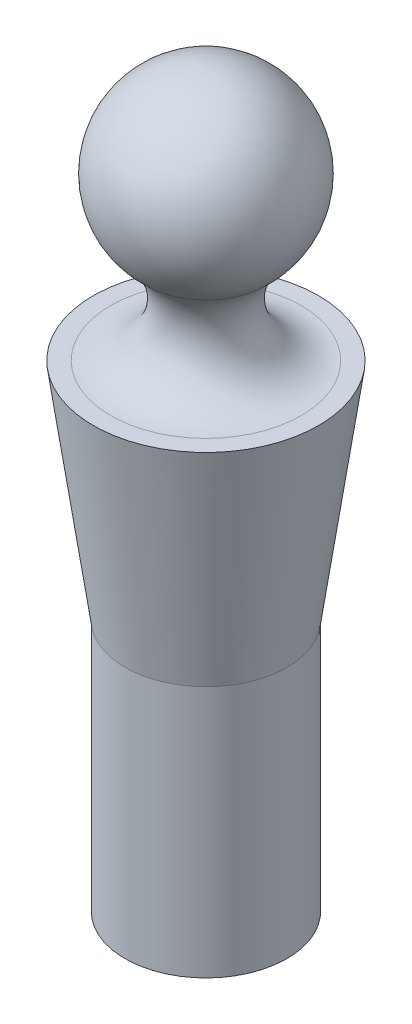
from build123d import *


with BuildPart() as part:
    # Pin Profile Sketch → Pin Body Revolve (revolve)
    with BuildSketch(Plane.XY, mode=Mode.PRIVATE) as pin_body_revolve_sk:
        with BuildLine():
            Line((9, 4.661084251), (12.5, 29.661084251))
            Line((12.5, 29.661084251), (10.583005244, 29.661084251))
            ThreePointArc((10.583005244, 29.661084251), (4.970519164, 33.539763908), (6.614378278, 40.161084251))
            ThreePointArc((6.614378278, 40.161084251), (9.354143467, 51.196618157), (0, 57.661084251))
            Line((0, 57.661084251), (0, 29.661084251))
            Line((0, 29.661084251), (0, 0))
            Line((0, 0), (0, -23.338915749))
            Line((0, -23.338915749), (9, -23.338915749))
            Line((9, -23.338915749), (9, 4.661084251))
        make_face()
    revolve(pin_body_revolve_sk.sketch.rotate(Axis((0, 0, 0), (0, 1, 0)), 90), axis=Axis((0, 0, 0), (0, 1, 0)))


solid = part.part

#####

Everything in the data except the pictures must be transcribed exactly.

from build123d import *


with BuildPart() as part:
    # Pin Profile Sketch → Pin Body Revolve (revolve)
    with BuildSketch(Plane.XY, mode=Mode.PRIVATE) as pin_body_revolve_sk:
        with BuildLine():
            Line((9, 4.661084251), (12.5, 29.661084251))
            Line((12.5, 29.661084251), (10.583005244, 29.661084251))
            ThreePointArc((10.583005244, 29.661084251), (4.970519164, 33.539763908), (6.614378278, 40.161084251))
            ThreePointArc((6.614378278, 40.161084251), (9.354143467, 51.196618157), (0, 57.661084251))
            Line((0, 57.661084251), (0, 29.661084251))
            Line((0, 29.661084251), (0, 0))
            Line((0, 0), (0, -23.338915749))
            Line((0, -23.338915749), (9, -23.338915749))
            Line((9, -23.338915749), (9, 4.661084251))
        make_face()
    revolve(pin_body_revolve_sk.sketch.rotate(Axis((0, 0, 0), (0, 1, 0)), 90), axis=Axis((0, 0, 0), (0, 1, 0)))


solid = part.part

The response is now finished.